**THE PROBLEM:** Starting at the line that contains "#44=CARTESIAN_POINT('',(35.741,11.957,-1.132));" and ending at the line that contains "#60=ORIENTED_EDGE('',*,*,#59,.F.);", the lines below are to be given again exactly, with nothing added.

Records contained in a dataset
== == ==
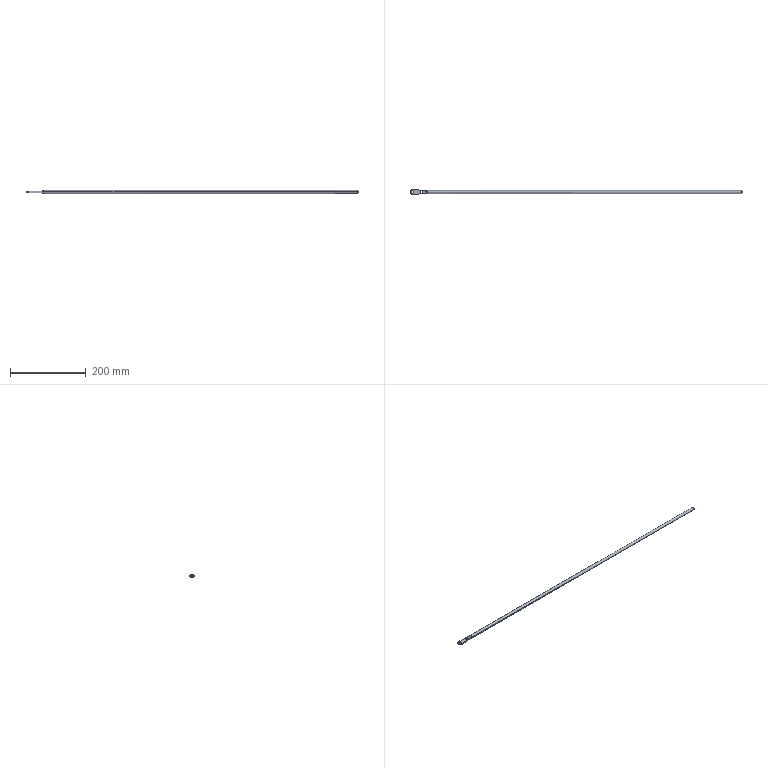Component | SolidWorks | RightRearDoorFrameAssembly-1_RearDoorLowerLockRod-1 | 1 solid | 20 faces | box 878.5 x 13 x 8 mm | volume 43100 mm3 | plane 11 | cylinder 7 | cone 2 | commonest cylinder face diameters 6.5 x4 8 x2 13 x1
build123d program:
from build123d import *

# Parameters (mm, degrees)
SKETCH1_R           = 4
BOSS_EXTRUDE1_DEPTH = 878.5
CUT_EXTRUDE1_DEPTH  = 5
SKETCH3_W           = 42
SKETCH3_H           = 2.024
CUT_EXTRUDE2_DEPTH  = 10
BOSS_EXTRUDE2_DEPTH = 3
CUT_EXTRUDE3_DEPTH  = 3
SKETCH6_R           = 3.25
CUT_EXTRUDE4_DEPTH  = 3
CHAMFER1_SIZE       = 1.5


with BuildPart() as part:
    # Sketch1 → Boss-Extrude1 (new body)
    with BuildSketch(Plane(origin=(0, 0, 0), x_dir=(0, 0, -1), z_dir=(1, 0, 0))):
        Circle(SKETCH1_R)
    extrude(amount=-BOSS_EXTRUDE1_DEPTH)

    # Sketch2 → Cut-Extrude1 (cut, symmetric)
    with BuildSketch(Plane.XY):
        Polygon((-42, 1.5), (-45.678, 4), (-42, 4), (0, 4), (0, 1.5), align=None)
        Polygon((-45.678, -4), (-42, -4), (0, -4), (0, -1.5), (-42, -1.5), align=None)
    extrude(amount=CUT_EXTRUDE1_DEPTH, both=True, mode=Mode.SUBTRACT)

    # Sketch3 → Cut-Extrude2 (cut)
    with BuildSketch(Plane(origin=(0, 1.5, 0), x_dir=(1, 0, 0), z_dir=(0, 1, 0))):
        with Locations((-21, 2.988)):
            Rectangle(SKETCH3_W, SKETCH3_H)
        with Locations((-21, -2.988)):
            Rectangle(SKETCH3_W, SKETCH3_H)
    extrude(amount=-CUT_EXTRUDE2_DEPTH, mode=Mode.SUBTRACT)

    # Sketch4 → Boss-Extrude2 (add)
    with BuildSketch(Plane(origin=(0, 1.5, 0), x_dir=(1, 0, 0), z_dir=(0, 1, 0))):
        with BuildLine():
            Line((-42, -4), (-42, 4))
            Line((-42, 4), (-7.386, 6.439))
            ThreePointArc((-7.386, 6.439), (0, 0), (-7.386, -6.439))
            Line((-7.386, -6.439), (-42, -4))
        make_face()
    extrude(amount=-BOSS_EXTRUDE2_DEPTH)

    # Sketch5 → Cut-Extrude3 (cut)
    with BuildSketch(Plane(origin=(0, 1.5, 0), x_dir=(1, 0, 0), z_dir=(0, 1, 0))):
        with BuildLine():
            Line((-0.8017, 3.127), (2.344, 3.127))
            Line((2.344, 3.127), (2.344, -3.404))
            Line((2.344, -3.404), (-0.9628, -3.404))
            ThreePointArc((-0.9628, -3.404), (-0.001977, -0.1603), (-0.8017, 3.127))
        make_face()
    extrude(amount=-CUT_EXTRUDE3_DEPTH, mode=Mode.SUBTRACT)

    # Sketch6 → Cut-Extrude4 (cut)
    with BuildSketch(Plane(origin=(0, 1.5, 0), x_dir=(1, 0, 0), z_dir=(0, 1, 0))):
        with Locations(Location((-6, 0, 0), (0, 0, 180))):
            Circle(SKETCH6_R)
        with Locations(Location((-31, 0, 0), (0, 0, 180))):
            Circle(SKETCH6_R)
    extrude(amount=-CUT_EXTRUDE4_DEPTH, mode=Mode.SUBTRACT)

    # Chamfer1
    chamfer1_edges = [part.edges().sort_by_distance(p)[0] for p in [
        (-878.5, 0, 4),
    ]]
    chamfer(chamfer1_edges, length=CHAMFER1_SIZE)


solid = part.part

# Placed as in the assembly
solid = solid.moved(Location((30.814, 303.707, -28.746), (-90, 0, 180)))
STEP:
#1=COLOUR_RGB('',0.7922,0.8196,0.9333);
#2=FILL_AREA_STYLE_COLOUR('',#1);
#3=FILL_AREA_STYLE('',(#2));
#4=SURFACE_STYLE_FILL_AREA(#3);
#5=SURFACE_SIDE_STYLE('',(#4));
#6=SURFACE_STYLE_USAGE(.BOTH.,#5);
#7=PRESENTATION_STYLE_ASSIGNMENT((#6));
#8=CARTESIAN_POINT('',(35.8,12.055,-1.132));
#9=VERTEX_POINT('',#8);
#10=CARTESIAN_POINT('',(35.8,11.859,-1.132));
#11=VERTEX_POINT('',#10);
#12=CARTESIAN_POINT('',(35.8,11.957,-1.132));
#13=DIRECTION('',(1.,-0.,0.));
#14=DIRECTION('',(0.,-1.,0.));
#15=AXIS2_PLACEMENT_3D('',#12,#13,#14);
#16=CIRCLE('',#15,0.09843);
#17=EDGE_CURVE('',#9,#11,#16,.T.);
#18=ORIENTED_EDGE('',*,*,#17,.F.);
#19=CARTESIAN_POINT('',(35.741,12.114,-1.132));
#20=VERTEX_POINT('',#19);
#21=CARTESIAN_POINT('',(35.741,12.114,-1.132));
#22=DIRECTION('',(-0.7071,0.7071,-0.));
#23=VECTOR('',#22,39.37);
#24=LINE('',#21,#23);
#25=EDGE_CURVE('',#9,#20,#24,.T.);
#26=ORIENTED_EDGE('',*,*,#25,.T.);
#27=CARTESIAN_POINT('',(35.741,11.799,-1.132));
#28=VERTEX_POINT('',#27);
#29=CARTESIAN_POINT('',(35.741,11.957,-1.132));
#30=DIRECTION('',(-1.,0.,-0.));
#31=DIRECTION('',(0.,-1.,0.));
#32=AXIS2_PLACEMENT_3D('',#29,#30,#31);
#33=CIRCLE('',#32,0.1575);
#34=EDGE_CURVE('',#28,#20,#33,.T.);
#35=ORIENTED_EDGE('',*,*,#34,.F.);
#36=CARTESIAN_POINT('',(35.741,11.799,-1.132));
#37=DIRECTION('',(-0.7071,-0.7071,-0.));
#38=VECTOR('',#37,39.37);
#39=LINE('',#36,#38);
#40=EDGE_CURVE('',#11,#28,#39,.T.);
#41=ORIENTED_EDGE('',*,*,#40,.F.);
#42=EDGE_LOOP('',(#18,#26,#35,#41));
#43=FACE_OUTER_BOUND('',#42,.T.);
#44=CARTESIAN_POINT('',(35.741,11.957,-1.132));
#45=DIRECTION('',(-1.,0.,-0.));
#46=DIRECTION('',(0.,-1.,0.));
#47=AXIS2_PLACEMENT_3D('',#44,#45,#46);
#48=CONICAL_SURFACE('',#47,0.1575,0.7854);
#49=ADVANCED_FACE('',(#43),#48,.T.);
#50=CARTESIAN_POINT('',(2.306,11.957,-1.191));
#51=VERTEX_POINT('',#50);
#52=CARTESIAN_POINT('',(2.562,11.957,-1.191));
#53=VERTEX_POINT('',#52);
#54=CARTESIAN_POINT('',(2.434,11.957,-1.191));
#55=DIRECTION('',(-0.,-0.,1.));
#56=DIRECTION('',(1.,0.,0.));
#57=AXIS2_PLACEMENT_3D('',#54,#55,#56);
#58=CIRCLE('',#57,0.128);
#59=EDGE_CURVE('',#51,#53,#58,.T.);
#60=ORIENTED_EDGE('',*,*,#59,.F.);
#61=CARTESIAN_POINT('',(2.306,11.957,-1.073));
#62=VERTEX_POINT('',#61);
#63=CARTESIAN_POINT('',(2.306,11.957,-1.191));
#64=DIRECTION('',(-0.,-0.,1.));
#65=VECTOR('',#64,39.37);
#66=LINE('',#63,#65);
#67=EDGE_CURVE('',#51,#62,#66,.T.);
#68=ORIENTED_EDGE('',*,*,#67,.T.);
#69=CARTESIAN_POINT('',(2.562,11.957,-1.073));
#70=VERTEX_POINT('',#69);
#71=CARTESIAN_POINT('',(2.434,11.957,-1.073));
#72=DIRECTION('',(-0.,-0.,1.));
#73=DIRECTION('',(1.,0.,0.));
#74=AXIS2_PLACEMENT_3D('',#71,#72,#73);
#75=CIRCLE('',#74,0.128);
#76=EDGE_CURVE('',#62,#70,#75,.T.);
#77=ORIENTED_EDGE('',*,*,#76,.T.);
#78=CARTESIAN_POINT('',(2.562,11.957,-1.191));
#79=DIRECTION('',(-0.,-0.,1.));
#80=VECTOR('',#79,39.37);
#81=LINE('',#78,#80);
#82=EDGE_CURVE('',#53,#70,#81,.T.);
#83=ORIENTED_EDGE('',*,*,#82,.F.);
#84=EDGE_LOOP('',(#60,#68,#77,#83));
#85=FACE_OUTER_BOUND('',#84,.T.);
#86=CARTESIAN_POINT('',(2.434,11.957,-1.191));
#87=DIRECTION('',(-0.,-0.,1.));
#88=DIRECTION('',(1.,0.,0.));
#89=AXIS2_PLACEMENT_3D('',#86,#87,#88);
#90=CYLINDRICAL_SURFACE('',#89,0.128);
#91=ADVANCED_FACE('',(#85),#90,.F.);
#92=CARTESIAN_POINT('',(1.321,11.957,-1.191));
#93=VERTEX_POINT('',#92);
#94=CARTESIAN_POINT('',(1.577,11.957,-1.191));
#95=VERTEX_POINT('',#94);
#96=CARTESIAN_POINT('',(1.449,11.957,-1.191));
#97=DIRECTION('',(-0.,-0.,1.));
#98=DIRECTION('',(1.,0.,0.));
#99=AXIS2_PLACEMENT_3D('',#96,#97,#98);
#100=CIRCLE('',#99,0.128);
#101=EDGE_CURVE('',#93,#95,#100,.T.);
#102=ORIENTED_EDGE('',*,*,#101,.F.);
#103=CARTESIAN_POINT('',(1.321,11.957,-1.073));
#104=VERTEX_POINT('',#103);
#105=CARTESIAN_POINT('',(1.321,11.957,-1.191));
#106=DIRECTION('',(-0.,-0.,1.));
#107=VECTOR('',#106,39.37);
#108=LINE('',#105,#107);
#109=EDGE_CURVE('',#93,#104,#108,.T.);
#110=ORIENTED_EDGE('',*,*,#109,.T.);
#111=CARTESIAN_POINT('',(1.577,11.957,-1.073));
#112=VERTEX_POINT('',#111);
#113=CARTESIAN_POINT('',(1.449,11.957,-1.073));
#114=DIRECTION('',(-0.,-0.,1.));
#115=DIRECTION('',(1.,0.,0.));
#116=AXIS2_PLACEMENT_3D('',#113,#114,#115);
#117=CIRCLE('',#116,0.128);
#118=EDGE_CURVE('',#104,#112,#117,.T.);
#119=ORIENTED_EDGE('',*,*,#118,.T.);
#120=CARTESIAN_POINT('',(1.577,11.957,-1.191));
#121=DIRECTION('',(-0.,-0.,1.));
#122=VECTOR('',#121,39.37);
#123=LINE('',#120,#122);
#124=EDGE_CURVE('',#95,#112,#123,.T.);
#125=ORIENTED_EDGE('',*,*,#124,.F.);
#126=EDGE_LOOP('',(#102,#110,#119,#125));
#127=FACE_OUTER_BOUND('',#126,.T.);
#128=CARTESIAN_POINT('',(1.449,11.957,-1.191));
#129=DIRECTION('',(-0.,-0.,1.));
#130=DIRECTION('',(1.,0.,0.));
#131=AXIS2_PLACEMENT_3D('',#128,#129,#130);
#132=CYLINDRICAL_SURFACE('',#131,0.128);
#133=ADVANCED_FACE('',(#127),#132,.F.);
#134=ORIENTED_EDGE('',*,*,#34,.T.);
#135=CARTESIAN_POINT('',(2.867,12.114,-1.132));
#136=VERTEX_POINT('',#135);
#137=CARTESIAN_POINT('',(35.8,12.114,-1.132));
#138=DIRECTION('',(-1.,0.,-0.));
#139=VECTOR('',#138,39.37);
#140=LINE('',#137,#139);
#141=EDGE_CURVE('',#20,#136,#140,.T.);
#142=ORIENTED_EDGE('',*,*,#141,.T.);
#143=CARTESIAN_POINT('',(2.867,12.103,-1.073));
#144=VERTEX_POINT('',#143);
#145=CARTESIAN_POINT('',(2.867,11.957,-1.132));
#146=DIRECTION('',(-1.,0.,-0.));
#147=DIRECTION('',(0.,-0.,-1.));
#148=AXIS2_PLACEMENT_3D('',#145,#146,#147);
#149=CIRCLE('',#148,0.1575);
#150=EDGE_CURVE('',#144,#136,#149,.T.);
#151=ORIENTED_EDGE('',*,*,#150,.F.);
#152=CARTESIAN_POINT('',(2.867,11.811,-1.073));
#153=VERTEX_POINT('',#152);
#154=CARTESIAN_POINT('',(2.867,11.811,-1.073));
#155=CARTESIAN_POINT('',(3.094,11.874,-0.918));
#156=CARTESIAN_POINT('',(3.094,12.04,-0.918));
#157=CARTESIAN_POINT('',(2.867,12.103,-1.073));
#158=(BOUNDED_CURVE()B_SPLINE_CURVE(3,(#154,#155,#156,#157),.UNSPECIFIED.,.F.,.F.)B_SPLINE_CURVE_WITH_KNOTS((4,4),(1.955,4.328),.UNSPECIFIED.)CURVE()GEOMETRIC_REPRESENTATION_ITEM()RATIONAL_B_SPLINE_CURVE((1.,0.5833,0.5833,1.))REPRESENTATION_ITEM(''));
#159=EDGE_CURVE('',#153,#144,#158,.T.);
#160=ORIENTED_EDGE('',*,*,#159,.F.);
#161=CARTESIAN_POINT('',(2.867,11.799,-1.132));
#162=VERTEX_POINT('',#161);
#163=CARTESIAN_POINT('',(2.867,11.957,-1.132));
#164=DIRECTION('',(-1.,0.,-0.));
#165=DIRECTION('',(0.,-0.,-1.));
#166=AXIS2_PLACEMENT_3D('',#163,#164,#165);
#167=CIRCLE('',#166,0.1575);
#168=EDGE_CURVE('',#162,#153,#167,.T.);
#169=ORIENTED_EDGE('',*,*,#168,.F.);
#170=CARTESIAN_POINT('',(35.8,11.799,-1.132));
#171=DIRECTION('',(-1.,0.,-0.));
#172=VECTOR('',#171,39.37);
#173=LINE('',#170,#172);
#174=EDGE_CURVE('',#28,#162,#173,.T.);
#175=ORIENTED_EDGE('',*,*,#174,.F.);
#176=EDGE_LOOP('',(#134,#142,#151,#160,#169,#175));
#177=FACE_OUTER_BOUND('',#176,.T.);
#178=CARTESIAN_POINT('',(35.8,11.957,-1.132));
#179=DIRECTION('',(-1.,0.,-0.));
#180=DIRECTION('',(0.,-1.,0.));
#181=AXIS2_PLACEMENT_3D('',#178,#179,#180);
#182=CYLINDRICAL_SURFACE('',#181,0.1575);
#183=ADVANCED_FACE('',(#177),#182,.T.);
#184=ORIENTED_EDGE('',*,*,#141,.F.);
#185=CARTESIAN_POINT('',(35.741,11.957,-1.132));
#186=DIRECTION('',(-1.,0.,-0.));
#187=DIRECTION('',(0.,-1.,0.));
#188=AXIS2_PLACEMENT_3D('',#185,#186,#187);
#189=CIRCLE('',#188,0.1575);
#190=EDGE_CURVE('',#20,#28,#189,.T.);
#191=ORIENTED_EDGE('',*,*,#190,.T.);
#192=ORIENTED_EDGE('',*,*,#174,.T.);
#193=CARTESIAN_POINT('',(2.867,11.811,-1.191));
#194=VERTEX_POINT('',#193);
#195=CARTESIAN_POINT('',(2.867,11.957,-1.132));
#196=DIRECTION('',(-1.,0.,-0.));
#197=DIRECTION('',(0.,-0.,-1.));
#198=AXIS2_PLACEMENT_3D('',#195,#196,#197);
#199=CIRCLE('',#198,0.1575);
#200=EDGE_CURVE('',#194,#162,#199,.T.);
#201=ORIENTED_EDGE('',*,*,#200,.F.);
#202=CARTESIAN_POINT('',(2.867,12.103,-1.191));
#203=VERTEX_POINT('',#202);
#204=CARTESIAN_POINT('',(2.867,12.103,-1.191));
#205=CARTESIAN_POINT('',(3.094,12.04,-1.345));
#206=CARTESIAN_POINT('',(3.094,11.874,-1.345));
#207=CARTESIAN_POINT('',(2.867,11.811,-1.191));
#208=(BOUNDED_CURVE()B_SPLINE_CURVE(3,(#204,#205,#206,#207),.UNSPECIFIED.,.F.,.F.)B_SPLINE_CURVE_WITH_KNOTS((4,4),(1.955,4.328),.UNSPECIFIED.)CURVE()GEOMETRIC_REPRESENTATION_ITEM()RATIONAL_B_SPLINE_CURVE((1.,0.5833,0.5833,1.))REPRESENTATION_ITEM(''));
#209=EDGE_CURVE('',#203,#194,#208,.T.);
#210=ORIENTED_EDGE('',*,*,#209,.F.);
#211=CARTESIAN_POINT('',(2.867,11.957,-1.132));
#212=DIRECTION('',(-1.,0.,-0.));
#213=DIRECTION('',(0.,0.,-1.));
#214=AXIS2_PLACEMENT_3D('',#211,#212,#213);
#215=CIRCLE('',#214,0.1575);
#216=EDGE_CURVE('',#136,#203,#215,.T.);
#217=ORIENTED_EDGE('',*,*,#216,.F.);
#218=EDGE_LOOP('',(#184,#191,#192,#201,#210,#217));
#219=FACE_OUTER_BOUND('',#218,.T.);
#220=CARTESIAN_POINT('',(35.8,11.957,-1.132));
#221=DIRECTION('',(-1.,0.,-0.));
#222=DIRECTION('',(0.,-1.,0.));
#223=AXIS2_PLACEMENT_3D('',#220,#221,#222);
#224=CYLINDRICAL_SURFACE('',#223,0.1575);
#225=ADVANCED_FACE('',(#219),#224,.T.);
#226=CARTESIAN_POINT('',(35.8,11.957,-1.132));
#227=DIRECTION('',(1.,-0.,0.));
#228=DIRECTION('',(0.,-1.,0.));
#229=AXIS2_PLACEMENT_3D('',#226,#227,#228);
#230=CIRCLE('',#229,0.09843);
#231=EDGE_CURVE('',#11,#9,#230,.T.);
#232=ORIENTED_EDGE('',*,*,#231,.T.);
#233=ORIENTED_EDGE('',*,*,#17,.T.);
#234=EDGE_LOOP('',(#232,#233));
#235=FACE_OUTER_BOUND('',#234,.T.);
#236=CARTESIAN_POINT('',(35.8,11.957,-1.132));
#237=DIRECTION('',(-1.,0.,-0.));
#238=DIRECTION('',(-0.,-1.,-0.));
#239=AXIS2_PLACEMENT_3D('',#236,#237,#238);
#240=PLANE('',#239);
#241=ADVANCED_FACE('',(#235),#240,.F.);
#242=CARTESIAN_POINT('',(2.434,11.957,-1.073));
#243=DIRECTION('',(-0.,-0.,1.));
#244=DIRECTION('',(1.,0.,0.));
#245=AXIS2_PLACEMENT_3D('',#242,#243,#244);
#246=CIRCLE('',#245,0.128);
#247=EDGE_CURVE('',#70,#62,#246,.T.);
#248=ORIENTED_EDGE('',*,*,#247,.F.);
#249=ORIENTED_EDGE('',*,*,#76,.F.);
#250=EDGE_LOOP('',(#248,#249));
#251=FACE_BOUND('',#250,.T.);
#252=CARTESIAN_POINT('',(1.449,11.957,-1.073));
#253=DIRECTION('',(-0.,-0.,1.));
#254=DIRECTION('',(1.,0.,0.));
#255=AXIS2_PLACEMENT_3D('',#252,#253,#254);
#256=CIRCLE('',#255,0.128);
#257=EDGE_CURVE('',#112,#104,#256,.T.);
#258=ORIENTED_EDGE('',*,*,#257,.F.);
#259=ORIENTED_EDGE('',*,*,#118,.F.);
#260=EDGE_LOOP('',(#258,#259));
#261=FACE_BOUND('',#260,.T.);
#262=CARTESIAN_POINT('',(2.867,12.114,-1.073));
#263=VERTEX_POINT('',#262);
#264=CARTESIAN_POINT('',(1.504,12.21,-1.073));
#265=VERTEX_POINT('',#264);
#266=CARTESIAN_POINT('',(2.867,12.114,-1.073));
#267=DIRECTION('',(-0.9975,0.0703,-0.));
#268=VECTOR('',#267,39.37);
#269=LINE('',#266,#268);
#270=EDGE_CURVE('',#263,#265,#269,.T.);
#271=ORIENTED_EDGE('',*,*,#270,.T.);
#272=CARTESIAN_POINT('',(1.504,11.703,-1.073));
#273=VERTEX_POINT('',#272);
#274=CARTESIAN_POINT('',(1.469,11.957,-1.073));
#275=DIRECTION('',(-0.,-0.,1.));
#276=DIRECTION('',(1.,0.,0.));
#277=AXIS2_PLACEMENT_3D('',#274,#275,#276);
#278=CIRCLE('',#277,0.2559);
#279=EDGE_CURVE('',#265,#273,#278,.T.);
#280=ORIENTED_EDGE('',*,*,#279,.T.);
#281=CARTESIAN_POINT('',(2.867,11.799,-1.073));
#282=VERTEX_POINT('',#281);
#283=CARTESIAN_POINT('',(2.867,11.799,-1.073));
#284=DIRECTION('',(0.9975,0.0703,0.));
#285=VECTOR('',#284,39.37);
#286=LINE('',#283,#285);
#287=EDGE_CURVE('',#273,#282,#286,.T.);
#288=ORIENTED_EDGE('',*,*,#287,.T.);
#289=CARTESIAN_POINT('',(2.867,12.114,-1.073));
#290=DIRECTION('',(0.,1.,0.));
#291=VECTOR('',#290,39.37);
#292=LINE('',#289,#291);
#293=EDGE_CURVE('',#282,#153,#292,.T.);
#294=ORIENTED_EDGE('',*,*,#293,.T.);
#295=CARTESIAN_POINT('',(2.867,11.76,-1.073));
#296=DIRECTION('',(0.,1.,0.));
#297=VECTOR('',#296,39.37);
#298=LINE('',#295,#297);
#299=EDGE_CURVE('',#153,#144,#298,.T.);
#300=ORIENTED_EDGE('',*,*,#299,.T.);
#301=CARTESIAN_POINT('',(2.867,12.114,-1.073));
#302=DIRECTION('',(0.,1.,0.));
#303=VECTOR('',#302,39.37);
#304=LINE('',#301,#303);
#305=EDGE_CURVE('',#144,#263,#304,.T.);
#306=ORIENTED_EDGE('',*,*,#305,.T.);
#307=EDGE_LOOP('',(#271,#280,#288,#294,#300,#306));
#308=FACE_OUTER_BOUND('',#307,.T.);
#309=CARTESIAN_POINT('',(1.213,11.76,-1.073));
#310=DIRECTION('',(0.,0.,-1.));
#311=DIRECTION('',(-1.,0.,-0.));
#312=AXIS2_PLACEMENT_3D('',#309,#310,#311);
#313=PLANE('',#312);
#314=ADVANCED_FACE('',(#251,#261,#308),#313,.F.);
#315=ORIENTED_EDGE('',*,*,#299,.F.);
#316=ORIENTED_EDGE('',*,*,#159,.T.);
#317=EDGE_LOOP('',(#315,#316));
#318=FACE_OUTER_BOUND('',#317,.T.);
#319=CARTESIAN_POINT('',(2.867,11.76,-1.073));
#320=DIRECTION('',(0.5621,-0.,-0.8271));
#321=DIRECTION('',(-0.8271,0.,-0.5621));
#322=AXIS2_PLACEMENT_3D('',#319,#320,#321);
#323=PLANE('',#322);
#324=ADVANCED_FACE('',(#318),#323,.F.);
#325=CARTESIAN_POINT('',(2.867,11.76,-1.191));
== == ==
**ANSWER SPACE:**
#44=CARTESIAN_POINT('',(35.741,11.957,-1.132));
#45=DIRECTION('',(-1.,0.,-0.));
#46=DIRECTION('',(0.,-1.,0.));
#47=AXIS2_PLACEMENT_3D('',#44,#45,#46);
#48=CONICAL_SURFACE('',#47,0.1575,0.7854);
#49=ADVANCED_FACE('',(#43),#48,.T.);
#50=CARTESIAN_POINT('',(2.306,11.957,-1.191));
#51=VERTEX_POINT('',#50);
#52=CARTESIAN_POINT('',(2.562,11.957,-1.191));
#53=VERTEX_POINT('',#52);
#54=CARTESIAN_POINT('',(2.434,11.957,-1.191));
#55=DIRECTION('',(-0.,-0.,1.));
#56=DIRECTION('',(1.,0.,0.));
#57=AXIS2_PLACEMENT_3D('',#54,#55,#56);
#58=CIRCLE('',#57,0.128);
#59=EDGE_CURVE('',#51,#53,#58,.T.);
#60=ORIENTED_EDGE('',*,*,#59,.F.);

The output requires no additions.